■ Task description
The task calls for each line of the records below in which the word "units" appears.

-------- The input --------

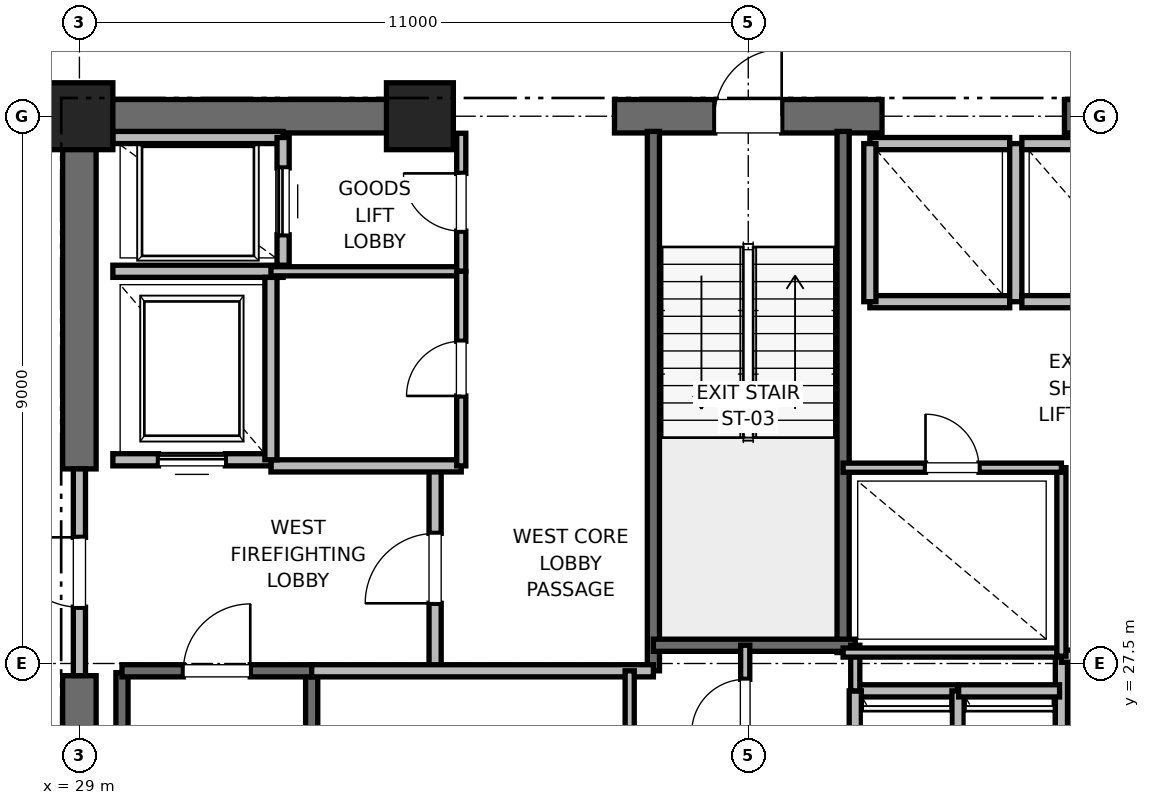
"""IFC4 building model, lengths in metres.
Left out: names, types, materials, properties, quantities, classifications, styles, units other than length and angle.
Written with IfcOpenShell. Run it as: python <this file> out.ifc"""

import sys

from ifc_helpers import new_model, si_unit, direction, frame, frame_2d, origin, origin_2d, place, context, subcontext, project, spatial, rectangle, extrude, element, fill, save


model = new_model("IFC4")
c1 = context("Model", 3, precision=1e-05, world=origin(), true_north=direction((0.0, 1.0)))
c2 = subcontext(c1, "Body", "Model", "MODEL_VIEW")
j1 = project(units=[si_unit("LENGTHUNIT", "METRE"), si_unit("PLANEANGLEUNIT", "RADIAN")], contexts=[c1])
p1 = place(None, origin())
s1 = spatial("IfcSite", under=j1, at=p1, CompositionType="ELEMENT")
p2 = place(p1, origin())
s2 = spatial("IfcBuilding", under=s1, at=p2, CompositionType="ELEMENT")
p3 = place(p2, frame((0.0, 0.0, 152.4)))
s3 = spatial("IfcBuildingStorey", under=s2, at=p3, CompositionType="ELEMENT", Elevation=152.4)
for number, where, z_axis, x_axis in (
    (1, (29.0, 36.5, 0.0), (0.0, 0.0, 1.0), (1.0, 0.0, 0.0)),
    (2, (34.6, 36.5, 0.0), (0.0, 0.0, 1.0), (1.0, 0.0, 0.0)),
):
    element("IfcColumn", number, at=place(p3, frame(where, z_axis=z_axis, x_axis=x_axis)), inside=s3, PredefinedType="PILASTER", context=c2, shape_type="SweptSolid", body=[
        extrude(rectangle(XDim=1.1, YDim=1.1, at=origin_2d()), origin(), (0.0, 0.0, 1.0), 4.0),
    ])
p4 = place(p3, frame((29.0, 36.5, 0.0), z_axis=(0.0, 0.0, 1.0), x_axis=(1.0, 0.0, 0.0)))
e3 = element("IfcWall", 3, at=p4, inside=s3, PredefinedType="SHEAR", context=c2, shape_type="SweptSolid", body=[
    extrude(rectangle(XDim=5.8, YDim=0.55, at=frame_2d((2.9, 0.0))), origin(), (0.0, 0.0, 1.0), 3.775),
])
p5 = place(p3, frame((37.8, 36.5, 0.0), z_axis=(0.0, 0.0, 1.0), x_axis=(1.0, 0.0, 0.0)))
e4 = element("IfcWall", 4, at=p5, inside=s3, PredefinedType="SHEAR", context=c2, shape_type="SweptSolid", body=[
    extrude(rectangle(XDim=4.4, YDim=0.55, at=frame_2d((2.2, 0.0))), origin(), (0.0, 0.0, 1.0), 3.775),
])
p6 = place(p5, frame((1.65, 0.0, 0.0)))
e5 = element("IfcOpeningElement", 5, at=p6, cuts=e4, PredefinedType="OPENING", context=c2, shape_type="SweptSolid", body=[
    extrude(rectangle(XDim=1.1, YDim=2.15, at=frame_2d((0.55, 1.075))), frame((0.0, 0.275, 0.0), z_axis=(0.0, -1.0, 0.0), x_axis=(1.0, 0.0, 0.0)), (0.0, 0.0, 1.0), 0.55),
])
p7 = place(p3, frame((45.2, 36.5, 0.0), z_axis=(0.0, 0.0, 1.0), x_axis=(1.0, 0.0, 0.0)))
e6 = element("IfcWall", 6, at=p7, inside=s3, PredefinedType="SHEAR", context=c2, shape_type="SweptSolid", body=[
    extrude(rectangle(XDim=5.8, YDim=0.55, at=frame_2d((2.9, 0.0))), origin(), (0.0, 0.0, 1.0), 3.775),
])
p8 = place(p3, frame((29.0, 18.5, 0.0), z_axis=(0.0, 0.0, 1.0), x_axis=(0.0, 1.0, 0.0)))
e7 = element("IfcWall", 7, at=p8, inside=s3, PredefinedType="SHEAR", context=c2, shape_type="SweptSolid", body=[
    extrude(rectangle(XDim=8.8, YDim=0.55, at=frame_2d((4.4, 0.0))), origin(), (0.0, 0.0, 1.0), 3.775),
])
p9 = place(p3, frame((29.0, 30.7, 0.0), z_axis=(0.0, 0.0, 1.0), x_axis=(0.0, 1.0, 0.0)))
e8 = element("IfcWall", 8, at=p9, inside=s3, PredefinedType="SHEAR", context=c2, shape_type="SweptSolid", body=[
    extrude(rectangle(XDim=5.8, YDim=0.55, at=frame_2d((2.9, 0.0))), origin(), (0.0, 0.0, 1.0), 3.775),
])
p10 = place(p3, frame((29.7, 19.2, 0.0), z_axis=(0.0, 0.0, 1.0), x_axis=(0.0, 1.0, 0.0)))
e9 = element("IfcWall", 9, at=p10, inside=s3, PredefinedType="SOLIDWALL", context=c2, shape_type="SweptSolid", body=[
    extrude(rectangle(XDim=8.15, YDim=0.2, at=frame_2d((4.075, 0.0))), origin(), (0.0, 0.0, 1.0), 3.775),
])
p11 = place(p3, frame((32.82, 18.6, 0.0), z_axis=(0.0, 0.0, 1.0), x_axis=(0.0, 1.0, 0.0)))
e10 = element("IfcWall", 10, at=p11, inside=s3, PredefinedType="SOLIDWALL", context=c2, shape_type="SweptSolid", body=[
    extrude(rectangle(XDim=8.78, YDim=0.2, at=frame_2d((4.39, 0.0))), origin(), (0.0, 0.0, 1.0), 3.775),
])
p12 = place(p3, frame((29.7, 27.38, 0.0), z_axis=(0.0, 0.0, 1.0), x_axis=(1.0, 0.0, 0.0)))
e11 = element("IfcWall", 11, at=p12, inside=s3, PredefinedType="SOLIDWALL", context=c2, shape_type="SweptSolid", body=[
    extrude(rectangle(XDim=3.12, YDim=0.2, at=frame_2d((1.56, 0.0))), origin(), (0.0, 0.0, 1.0), 3.775),
])
p13 = place(p12, frame((1.01, 0.0, 0.0)))
e12 = element("IfcOpeningElement", 12, at=p13, cuts=e11, PredefinedType="OPENING", context=c2, shape_type="SweptSolid", body=[
    extrude(rectangle(XDim=1.1, YDim=2.15, at=frame_2d((0.55, 1.075))), frame((0.0, 0.1, 0.0), z_axis=(0.0, -1.0, 0.0), x_axis=(1.0, 0.0, 0.0)), (0.0, 0.0, 1.0), 0.2),
])
p14 = place(p3, frame((38.44, 27.38, 0.0), z_axis=(0.0, 0.0, 1.0), x_axis=(0.0, 1.0, 0.0)))
e13 = element("IfcWall", 13, at=p14, inside=s3, PredefinedType="SOLIDWALL", context=c2, shape_type="SweptSolid", body=[
    extrude(rectangle(XDim=8.87, YDim=0.2, at=frame_2d((4.435, 0.0))), origin(), (0.0, 0.0, 1.0), 3.775),
])
p15 = place(p3, frame((41.56, 27.68, 0.0), z_axis=(0.0, 0.0, 1.0), x_axis=(0.0, 1.0, 0.0)))
e14 = element("IfcWall", 14, at=p15, inside=s3, PredefinedType="SOLIDWALL", context=c2, shape_type="SweptSolid", body=[
    extrude(rectangle(XDim=8.57, YDim=0.2, at=frame_2d((4.285, 0.0))), origin(), (0.0, 0.0, 1.0), 3.775),
])
p16 = place(p3, frame((38.44, 27.8, 0.0), z_axis=(0.0, 0.0, 1.0), x_axis=(1.0, 0.0, 0.0)))
e15 = element("IfcWall", 15, at=p16, inside=s3, PredefinedType="SOLIDWALL", context=c2, shape_type="SweptSolid", body=[
    extrude(rectangle(XDim=3.32, YDim=0.2, at=frame_2d((1.66, 0.0))), origin(), (0.0, 0.0, 1.0), 3.775),
])
p17 = place(p3, frame((34.85, 27.38, 0.0), z_axis=(0.0, 0.0, 1.0), x_axis=(0.0, 1.0, 0.0)))
e16 = element("IfcWall", 16, at=p17, inside=s3, PredefinedType="PARTITIONING", context=c2, shape_type="SweptSolid", body=[
    extrude(rectangle(XDim=3.37, YDim=0.2, at=frame_2d((1.685, 0.0))), origin(), (0.0, 0.0, 1.0), 3.775),
])
p18 = place(p17, frame((1.11, 0.0, 0.0)))
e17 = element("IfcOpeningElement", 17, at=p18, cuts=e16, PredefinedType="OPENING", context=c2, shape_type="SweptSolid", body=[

--------

■ Output below
Left out: names, types, materials, properties, quantities, classifications, styles, units other than length and angle.
j1 = project(units=[si_unit("LENGTHUNIT", "METRE"), si_unit("PLANEANGLEUNIT", "RADIAN")], contexts=[c1])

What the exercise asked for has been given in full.